-- WHAT THE EXERCISE ASKS --
Search the listing below for the word "direction" and copy each line where it appears.

DATA TO EXAMINE: Begin

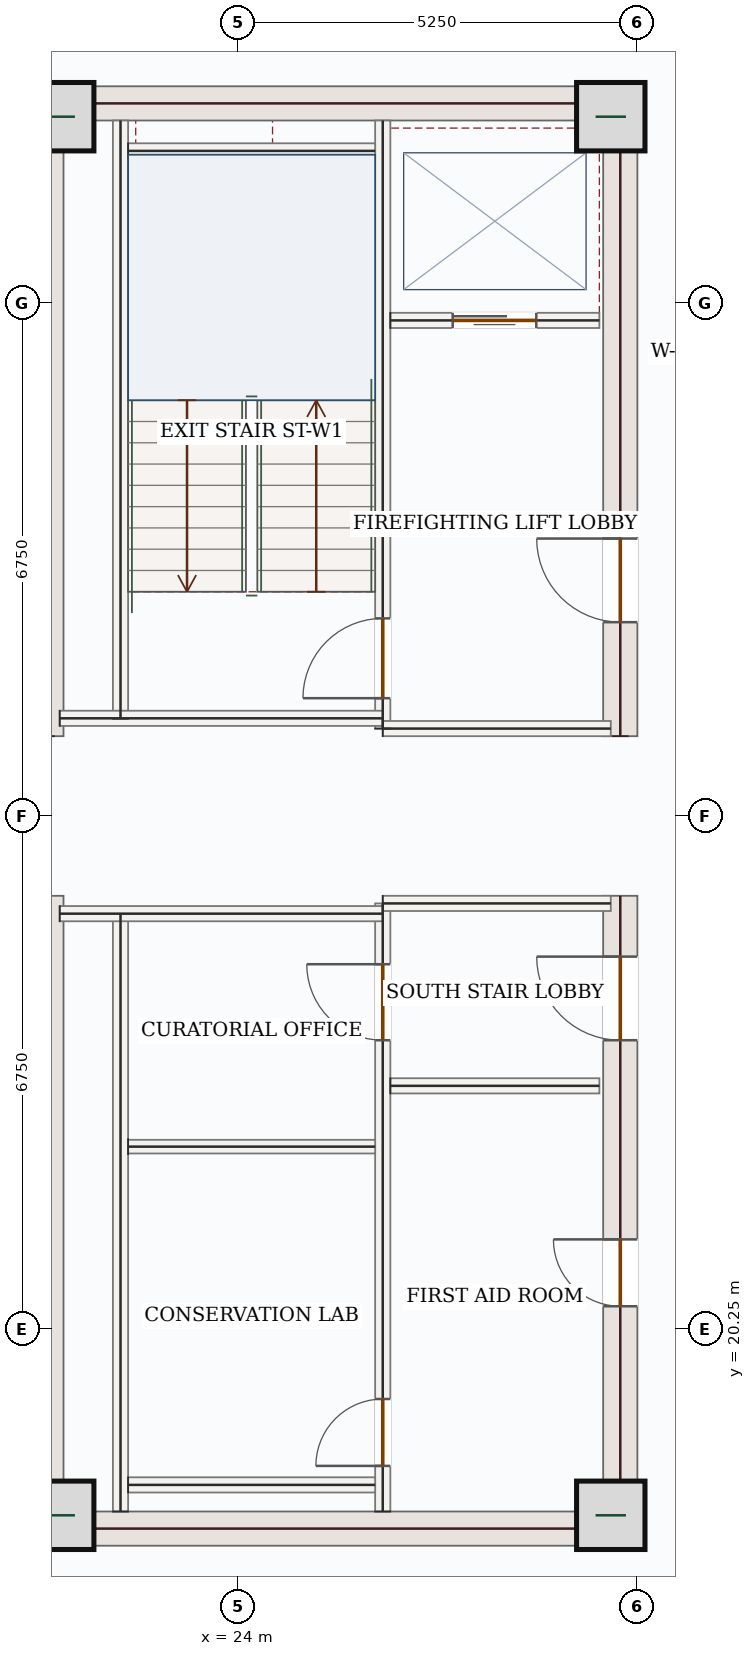
"""IFC4 building model, lengths in metres.
Left out: names, types, materials, properties, quantities, classifications, styles, units other than length and angle.
Written with IfcOpenShell. Run it as: python <this file> out.ifc"""

import sys

from ifc_helpers import new_model, si_unit, direction, frame, frame_2d, origin, origin_2d, place, context, subcontext, project, spatial, rectangle, extrude, source, transform, mapped, element, fill, save


model = new_model("IFC4")
c1 = context("Model", 3, precision=1e-05, world=origin(), true_north=direction((0.0, 1.0)))
c2 = subcontext(c1, "Body", "Model", "MODEL_VIEW")
j1 = project(units=[si_unit("LENGTHUNIT", "METRE"), si_unit("PLANEANGLEUNIT", "RADIAN")], contexts=[c1])
p1 = place(None, origin())
s1 = spatial("IfcSite", under=j1, at=p1, CompositionType="ELEMENT")
p2 = place(p1, origin())
s2 = spatial("IfcBuilding", under=s1, at=p2, CompositionType="ELEMENT")
p3 = place(p2, frame((0.0, 0.0, 353.55)))
s3 = spatial("IfcBuildingStorey", under=s2, at=p3, CompositionType="ELEMENT", Elevation=353.55)
m1 = source(origin(), c2, "Body", "SweptSolid", [
    extrude(rectangle(XDim=8.55, YDim=0.45, at=frame_2d((4.275, 0.0))), origin(), (0.0, 0.0, 1.0), 3.5),
])
for number, where, z_axis, x_axis in (
    (1, (21.475, 17.4, 0.0), (0.0, 0.0, 1.0), (0.0, 1.0, 0.0)),
    (2, (21.475, 28.05, 0.0), (0.0, 0.0, 1.0), (0.0, 1.0, 0.0)),
):
    element("IfcWall", number, at=place(p3, frame(where, z_axis=z_axis, x_axis=x_axis)), inside=s3, PredefinedType="SHEAR", context=c2, shape_type="MappedRepresentation", body=[
        mapped(m1, transform((0.0, 0.0, 0.0), x_axis=(1.0, 0.0, 0.0), y_axis=(0.0, 1.0, 0.0), z_axis=(0.0, 0.0, 1.0), scale=1.0)),
    ])
p4 = place(p3, frame((29.025, 17.4, 0.0), z_axis=(0.0, 0.0, 1.0), x_axis=(0.0, 1.0, 0.0)))
e3 = element("IfcWall", 3, at=p4, inside=s3, PredefinedType="SHEAR", context=c2, shape_type="SweptSolid", body=[
    extrude(rectangle(XDim=8.55, YDim=0.45, at=frame_2d((4.275, 0.0))), origin(), (0.0, 0.0, 1.0), 3.5),
])
p5 = place(p4, frame((6.65, 0.0, 0.0)))
e4 = element("IfcOpeningElement", 4, at=p5, cuts=e3, PredefinedType="OPENING", context=c2, shape_type="SweptSolid", body=[
    extrude(rectangle(XDim=1.1, YDim=2.2, at=frame_2d((0.55, 1.1))), frame((0.0, 0.235, 0.0), z_axis=(0.0, -1.0, 0.0), x_axis=(1.0, 0.0, 0.0)), (0.0, 0.0, 1.0), 0.47),
])
p6 = place(p4, frame((3.15, 0.0, 0.0)))
e5 = element("IfcOpeningElement", 5, at=p6, cuts=e3, PredefinedType="OPENING", context=c2, shape_type="SweptSolid", body=[
    extrude(rectangle(XDim=0.88, YDim=2.1, at=frame_2d((0.44, 1.05))), frame((0.0, 0.235, 0.0), z_axis=(0.0, -1.0, 0.0), x_axis=(1.0, 0.0, 0.0)), (0.0, 0.0, 1.0), 0.47),
])
p7 = place(p3, frame((29.025, 28.05, 0.0), z_axis=(0.0, 0.0, 1.0), x_axis=(0.0, 1.0, 0.0)))
e6 = element("IfcWall", 6, at=p7, inside=s3, PredefinedType="SHEAR", context=c2, shape_type="SweptSolid", body=[
    extrude(rectangle(XDim=8.55, YDim=0.45, at=frame_2d((4.275, 0.0))), origin(), (0.0, 0.0, 1.0), 3.5),
])
p8 = place(p7, frame((1.5, 0.0, 0.0)))
e7 = element("IfcOpeningElement", 7, at=p8, cuts=e6, PredefinedType="OPENING", context=c2, shape_type="SweptSolid", body=[
    extrude(rectangle(XDim=1.1, YDim=2.2, at=frame_2d((0.55, 1.1))), frame((0.0, 0.235, 0.0), z_axis=(0.0, -1.0, 0.0), x_axis=(1.0, 0.0, 0.0)), (0.0, 0.0, 1.0), 0.47),
])
m2 = source(origin(), c2, "Body", "SweptSolid", [
    extrude(rectangle(XDim=7.1, YDim=0.45, at=frame_2d((3.55, 0.0))), origin(), (0.0, 0.0, 1.0), 3.5),
])
for number, where, z_axis, x_axis in (
    (8, (21.7, 17.625, 0.0), (0.0, 0.0, 1.0), (1.0, 0.0, 0.0)),
    (9, (21.7, 36.375, 0.0), (0.0, 0.0, 1.0), (1.0, 0.0, 0.0)),
):
    element("IfcWall", number, at=place(p3, frame(where, z_axis=z_axis, x_axis=x_axis)), inside=s3, PredefinedType="SHEAR", context=c2, shape_type="MappedRepresentation", body=[
        mapped(m2, transform((0.0, 0.0, 0.0), x_axis=(1.0, 0.0, 0.0), y_axis=(0.0, 1.0, 0.0), z_axis=(0.0, 0.0, 1.0), scale=1.0)),
    ])
m3 = source(origin(), c2, "Body", "SweptSolid", [
    extrude(rectangle(XDim=0.9, YDim=0.9, at=origin_2d()), origin(), (0.0, 0.0, 1.0), 3.75),
])
for number, where, z_axis, x_axis in (
    (10, (21.65, 17.8, 0.0), (0.0, 0.0, 1.0), (1.0, 0.0, 0.0)),
    (11, (28.9, 17.8, 0.0), (0.0, 0.0, 1.0), (1.0, 0.0, 0.0)),
    (12, (21.65, 36.2, 0.0), (0.0, 0.0, 1.0), (1.0, 0.0, 0.0)),
    (13, (28.9, 36.2, 0.0), (0.0, 0.0, 1.0), (1.0, 0.0, 0.0)),
):
    element("IfcColumn", number, at=place(p3, frame(where, z_axis=z_axis, x_axis=x_axis)), inside=s3, PredefinedType="COLUMN", context=c2, shape_type="MappedRepresentation", body=[
        mapped(m3, transform((0.0, 0.0, 0.0), x_axis=(1.0, 0.0, 0.0), y_axis=(0.0, 1.0, 0.0), z_axis=(0.0, 0.0, 1.0), scale=1.0)),
    ])
p9 = place(p3, frame((23.005, 14.093, 0.0), z_axis=(0.0, 0.0, 1.0), x_axis=(-0.681486568047, 0.731830620821, 0.0)))
e14 = element("IfcWall", 14, at=p9, inside=s3, PredefinedType="SOLIDWALL", context=c2, shape_type="SweptSolid", body=[
    extrude(rectangle(XDim=5.965, YDim=0.28, at=frame_2d((2.982, 0.0))), origin(), (0.0, 0.0, 1.0), 3.5),
])
p10 = place(p9, frame((2.232, 0.0, 0.85)))
e15 = element("IfcOpeningElement", 15, at=p10, cuts=e14, PredefinedType="OPENING", context=c2, shape_type="SweptSolid", body=[
    extrude(rectangle(XDim=1.5, YDim=1.5, at=frame_2d((0.75, 0.75))), frame((0.0, 0.15, 0.0), z_axis=(0.0, -1.0, 0.0), x_axis=(1.0, 0.0, 0.0)), (0.0, 0.0, 1.0), 0.3),
])
m4 = source(origin(), c2, "Body", "SweptSolid", [
    extrude(rectangle(XDim=7.87, YDim=0.2, at=frame_2d((3.935, 0.0))), origin(), (0.0, 0.0, 1.0), 3.5),
])
for number, where, z_axis, x_axis in (
    (16, (22.45, 17.85, 0.0), (0.0, 0.0, 1.0), (0.0, 1.0, 0.0)),
    (17, (22.45, 28.28, 0.0), (0.0, 0.0, 1.0), (0.0, 1.0, 0.0)),
):
    element("IfcWall", number, at=place(p3, frame(where, z_axis=z_axis, x_axis=x_axis)), inside=s3, PredefinedType="SOLIDWALL", context=c2, shape_type="MappedRepresentation", body=[
        mapped(m4, transform((0.0, 0.0, 0.0), x_axis=(1.0, 0.0, 0.0), y_axis=(0.0, 1.0, 0.0), z_axis=(0.0, 0.0, 1.0), scale=1.0)),
    ])
p11 = place(p3, frame((25.9, 17.85, 0.0), z_axis=(0.0, 0.0, 1.0), x_axis=(0.0, 1.0, 0.0)))
e18 = element("IfcWall", 18, at=p11, inside=s3, PredefinedType="SOLIDWALL", context=c2, shape_type="SweptSolid", body=[
    extrude(rectangle(XDim=8.0, YDim=0.2, at=frame_2d((4.0, 0.0))), origin(), (0.0, 0.0, 1.0), 3.5),
])
p12 = place(p11, frame((6.2, 0.0, 0.0)))
e19 = element("IfcOpeningElement", 19, at=p12, cuts=e18, PredefinedType="OPENING", context=c2, shape_type="SweptSolid", body=[
    extrude(rectangle(XDim=1.0, YDim=2.15, at=frame_2d((0.5, 1.075))), frame((0.0, 0.11, 0.0), z_axis=(0.0, -1.0, 0.0), x_axis=(1.0, 0.0, 0.0)), (0.0, 0.0, 1.0), 0.22),
])
p13 = place(p11, frame((0.6, 0.0, 0.0)))
e20 = element("IfcOpeningElement", 20, at=p13, cuts=e18, PredefinedType="OPENING", context=c2, shape_type="SweptSolid", body=[
    extrude(rectangle(XDim=0.88, YDim=2.1, at=frame_2d((0.44, 1.05))), frame((0.0, 0.11, 0.0), z_axis=(0.0, -1.0, 0.0), x_axis=(1.0, 0.0, 0.0)), (0.0, 0.0, 1.0), 0.22),
])
p14 = place(p3, frame((25.9, 28.15, 0.0), z_axis=(0.0, 0.0, 1.0), x_axis=(0.0, 1.0, 0.0)))
e21 = element("IfcWall", 21, at=p14, inside=s3, PredefinedType="SOLIDWALL", context=c2, shape_type="SweptSolid", body=[
    extrude(rectangle(XDim=8.0, YDim=0.2, at=frame_2d((4.0, 0.0))), origin(), (0.0, 0.0, 1.0), 3.5),
])
p15 = place(p14, frame((0.4, 0.0, 0.0)))
e22 = element("IfcOpeningElement", 22, at=p15, cuts=e21, PredefinedType="OPENING", context=c2, shape_type="SweptSolid", body=[
    extrude(rectangle(XDim=1.05, YDim=2.15, at=frame_2d((0.525, 1.075))), frame((0.0, 0.11, 0.0), z_axis=(0.0, -1.0, 0.0), x_axis=(1.0, 0.0, 0.0)), (0.0, 0.0, 1.0), 0.22),
])
m5 = source(origin(), c2, "Body", "SweptSolid", [
    extrude(rectangle(XDim=4.25, YDim=0.2, at=frame_2d((2.125, 0.0))), origin(), (0.0, 0.0, 1.0), 3.5),
])
p16 = place(p3, frame((21.65, 25.715, 0.0), z_axis=(0.0, 0.0, 1.0), x_axis=(1.0, 0.0, 0.0)))
e23 = element("IfcWall", 23, at=p16, inside=s3, PredefinedType="SOLIDWALL", context=c2, shape_type="MappedRepresentation", body=[
    mapped(m5, transform((0.0, 0.0, 0.0), x_axis=(1.0, 0.0, 0.0), y_axis=(0.0, 1.0, 0.0), z_axis=(0.0, 0.0, 1.0), scale=1.0)),
])
m6 = source(origin(), c2, "Body", "SweptSolid", [
    extrude(rectangle(XDim=3.0, YDim=0.2, at=frame_2d((1.5, 0.0))), origin(), (0.0, 0.0, 1.0), 3.5),
])
p17 = place(p3, frame((25.9, 25.85, 0.0), z_axis=(0.0, 0.0, 1.0), x_axis=(1.0, 0.0, 0.0)))
e24 = element("IfcWall", 24, at=p17, inside=s3, PredefinedType="SOLIDWALL", context=c2, shape_type="MappedRepresentation", body=[
    mapped(m6, transform((0.0, 0.0, 0.0), x_axis=(1.0, 0.0, 0.0), y_axis=(0.0, 1.0, 0.0), z_axis=(0.0, 0.0, 1.0), scale=1.0)),
])
p18 = place(p3, frame((21.65, 28.285, 0.0), z_axis=(0.0, 0.0, 1.0), x_axis=(1.0, 0.0, 0.0)))
e25 = element("IfcWall", 25, at=p18, inside=s3, PredefinedType="SOLIDWALL", context=c2, shape_type="MappedRepresentation", body=[
    mapped(m5, transform((0.0, 0.0, 0.0), x_axis=(1.0, 0.0, 0.0), y_axis=(0.0, 1.0, 0.0), z_axis=(0.0, 0.0, 1.0), scale=1.0)),
])
p19 = place(p3, frame((25.9, 28.15, 0.0), z_axis=(0.0, 0.0, 1.0), x_axis=(1.0, 0.0, 0.0)))
e26 = element("IfcWall", 26, at=p19, inside=s3, PredefinedType="SOLIDWALL", context=c2, shape_type="MappedRepresentation", body=[
    mapped(m6, transform((0.0, 0.0, 0.0), x_axis=(1.0, 0.0, 0.0), y_axis=(0.0, 1.0, 0.0), z_axis=(0.0, 0.0, 1.0), scale=1.0)),
])
m7 = source(origin(), c2, "Body", "SweptSolid", [
    extrude(rectangle(XDim=3.25, YDim=0.2, at=frame_2d((1.625, 0.0))), origin(), (0.0, 0.0, 1.0), 3.5),
])
for number, where, z_axis, x_axis in (
    (27, (22.55, 35.75, 0.0), (0.0, 0.0, 1.0), (1.0, 0.0, 0.0)),
    (28, (22.55, 18.2, 0.0), (0.0, 0.0, 1.0), (1.0, 0.0, 0.0)),
):
    element("IfcWall", number, at=place(p3, frame(where, z_axis=z_axis, x_axis=x_axis)), inside=s3, PredefinedType="SOLIDWALL", context=c2, shape_type="MappedRepresentation", body=[
        mapped(m7, transform((0.0, 0.0, 0.0), x_axis=(1.0, 0.0, 0.0), y_axis=(0.0, 1.0, 0.0), z_axis=(0.0, 0.0, 1.0), scale=1.0)),
    ])
m8 = source(origin(), c2, "Body", "SweptSolid", [
    extrude(rectangle(XDim=3.25, YDim=0.18, at=frame_2d((1.625, 0.0))), origin(), (0.0, 0.0, 1.0), 3.5),
])
p20 = place(p3, frame((22.55, 22.65, 0.0), z_axis=(0.0, 0.0, 1.0), x_axis=(1.0, 0.0, 0.0)))
e29 = element("IfcWall", 29, at=p20, inside=s3, PredefinedType="PARTITIONING", context=c2, shape_type="MappedRepresentation", body=[
    mapped(m8, transform((0.0, 0.0, 0.0), x_axis=(1.0, 0.0, 0.0), y_axis=(0.0, 1.0, 0.0), z_axis=(0.0, 0.0, 1.0), scale=1.0)),
])
p21 = place(p3, frame((26.0, 33.52, 0.0), z_axis=(0.0, 0.0, 1.0), x_axis=(1.0, 0.0, 0.0)))
e30 = element("IfcWall", 30, at=p21, inside=s3, PredefinedType="SOLIDWALL", context=c2, shape_type="SweptSolid", body=[
    extrude(rectangle(XDim=2.75, YDim=0.2, at=frame_2d((1.375, 0.0))), origin(), (0.0, 0.0, 1.0), 3.5),
])
p22 = place(p21, frame((0.82, 0.0, 0.0)))
e31 = element("IfcOpeningElement", 31, at=p22, cuts=e30, PredefinedType="OPENING", context=c2, shape_type="SweptSolid", body=[
    extrude(rectangle(XDim=1.1, YDim=2.15, at=frame_2d((0.55, 1.075))), frame((0.0, 0.11, 0.0), z_axis=(0.0, -1.0, 0.0), x_axis=(1.0, 0.0, 0.0)), (0.0, 0.0, 1.0), 0.22),
])
m9 = source(origin(), c2, "Body", "SweptSolid", [
    extrude(rectangle(XDim=2.75, YDim=0.2, at=frame_2d((1.375, 0.0))), origin(), (0.0, 0.0, 1.0), 3.5),
])
p23 = place(p3, frame((26.0, 23.45, 0.0), z_axis=(0.0, 0.0, 1.0), x_axis=(1.0, 0.0, 0.0)))
e32 = element("IfcWall", 32, at=p23, inside=s3, PredefinedType="SOLIDWALL", context=c2, shape_type="MappedRepresentation", body=[
    mapped(m9, transform((0.0, 0.0, 0.0), x_axis=(1.0, 0.0, 0.0), y_axis=(0.0, 1.0, 0.0), z_axis=(0.0, 0.0, 1.0), scale=1.0)),
])
m10 = source(origin(), c2, "Body", "SweptSolid", [
    extrude(rectangle(XDim=1.05, YDim=2.15, at=frame_2d((0.525, 1.075))), frame((0.0, 0.025, 0.0), z_axis=(0.0, -1.0, 0.0), x_axis=(1.0, 0.0, 0.0)), (0.0, 0.0, 1.0), 0.05),
])
p24 = place(p15, origin())
e33 = element("IfcDoor", 33, at=p24, inside=s3, OperationType="SINGLE_SWING_LEFT", PredefinedType="DOOR", context=c2, shape_type="MappedRepresentation", body=[
    mapped(m10, transform((0.0, 0.0, 0.0), x_axis=(1.0, 0.0, 0.0), y_axis=(0.0, 1.0, 0.0), z_axis=(0.0, 0.0, 1.0), scale=1.0)),
])
fill(e22, e33)
m11 = source(origin(), c2, "Body", "SweptSolid", [
    extrude(rectangle(XDim=1.0, YDim=2.15, at=frame_2d((0.5, 1.075))), frame((0.0, 0.025, 0.0), z_axis=(0.0, -1.0, 0.0), x_axis=(1.0, 0.0, 0.0)), (0.0, 0.0, 1.0), 0.05),
])
p25 = place(p12, origin())
e34 = element("IfcDoor", 34, at=p25, inside=s3, OperationType="SINGLE_SWING_RIGHT", PredefinedType="DOOR", context=c2, shape_type="MappedRepresentation", body=[
    mapped(m11, transform((0.0, 0.0, 0.0), x_axis=(1.0, 0.0, 0.0), y_axis=(0.0, 1.0, 0.0), z_axis=(0.0, 0.0, 1.0), scale=1.0)),
])
fill(e19, e34)
m12 = source(origin(), c2, "Body", "SweptSolid", [
    extrude(rectangle(XDim=0.88, YDim=2.1, at=frame_2d((0.44, 1.05))), frame((0.0, 0.025, 0.0), z_axis=(0.0, -1.0, 0.0), x_axis=(1.0, 0.0, 0.0)), (0.0, 0.0, 1.0), 0.05),
])
p26 = place(p13, origin())
e35 = element("IfcDoor", 35, at=p26, inside=s3, OperationType="SINGLE_SWING_LEFT", PredefinedType="DOOR", context=c2, shape_type="MappedRepresentation", body=[
    mapped(m12, transform((0.0, 0.0, 0.0), x_axis=(1.0, 0.0, 0.0), y_axis=(0.0, 1.0, 0.0), z_axis=(0.0, 0.0, 1.0), scale=1.0)),
])
fill(e20, e35)
m13 = source(origin(), c2, "Body", "SweptSolid", [
    extrude(rectangle(XDim=1.1, YDim=2.15, at=frame_2d((0.55, 1.075))), frame((0.0, 0.025, 0.0), z_axis=(0.0, -1.0, 0.0), x_axis=(1.0, 0.0, 0.0)), (0.0, 0.0, 1.0), 0.05),
])
p27 = place(p22, origin())
e36 = element("IfcDoor", 36, at=p27, inside=s3, OperationType="DOUBLE_DOOR_SLIDING", PredefinedType="DOOR", context=c2, shape_type="MappedRepresentation", body=[
    mapped(m13, transform((0.0, 0.0, 0.0), x_axis=(1.0, 0.0, 0.0), y_axis=(0.0, 1.0, 0.0), z_axis=(0.0, 0.0, 1.0), scale=1.0)),
])
fill(e31, e36)
m14 = source(origin(), c2, "Body", "SweptSolid", [
    extrude(rectangle(XDim=1.1, YDim=2.2, at=frame_2d((0.55, 1.1))), frame((0.0, 0.025, 0.0), z_axis=(0.0, -1.0, 0.0), x_axis=(1.0, 0.0, 0.0)), (0.0, 0.0, 1.0), 0.05),
])
p28 = place(p8, origin())
e37 = element("IfcDoor", 37, at=p28, inside=s3, OperationType="SINGLE_SWING_RIGHT", PredefinedType="DOOR", context=c2, shape_type="MappedRepresentation", body=[
    mapped(m14, transform((0.0, 0.0, 0.0), x_axis=(1.0, 0.0, 0.0), y_axis=(0.0, 1.0, 0.0), z_axis=(0.0, 0.0, 1.0), scale=1.0)),
])
fill(e7, e37)
p29 = place(p5, origin())
e38 = element("IfcDoor", 38, at=p29, inside=s3, OperationType="SINGLE_SWING_RIGHT", PredefinedType="DOOR", context=c2, shape_type="MappedRepresentation", body=[
    mapped(m14, transform((0.0, 0.0, 0.0), x_axis=(1.0, 0.0, 0.0), y_axis=(0.0, 1.0, 0.0), z_axis=(0.0, 0.0, 1.0), scale=1.0)),
])
fill(e4, e38)
p30 = place(p6, origin())
e39 = element("IfcDoor", 39, at=p30, inside=s3, OperationType="SINGLE_SWING_RIGHT", PredefinedType="DOOR", context=c2, shape_type="MappedRepresentation", body=[
    mapped(m12, transform((0.0, 0.0, 0.0), x_axis=(1.0, 0.0, 0.0), y_axis=(0.0, 1.0, 0.0), z_axis=(0.0, 0.0, 1.0), scale=1.0)),
])
fill(e5, e39)
save(model, sys.argv[1])

DATA TO EXAMINE: End

-- OUTPUT BELOW --
from ifc_helpers import new_model, si_unit, direction, frame, frame_2d, origin, origin_2d, place, context, subcontext, project, spatial, rectangle, extrude, source, transform, mapped, element, fill, save
c1 = context("Model", 3, precision=1e-05, world=origin(), true_north=direction((0.0, 1.0)))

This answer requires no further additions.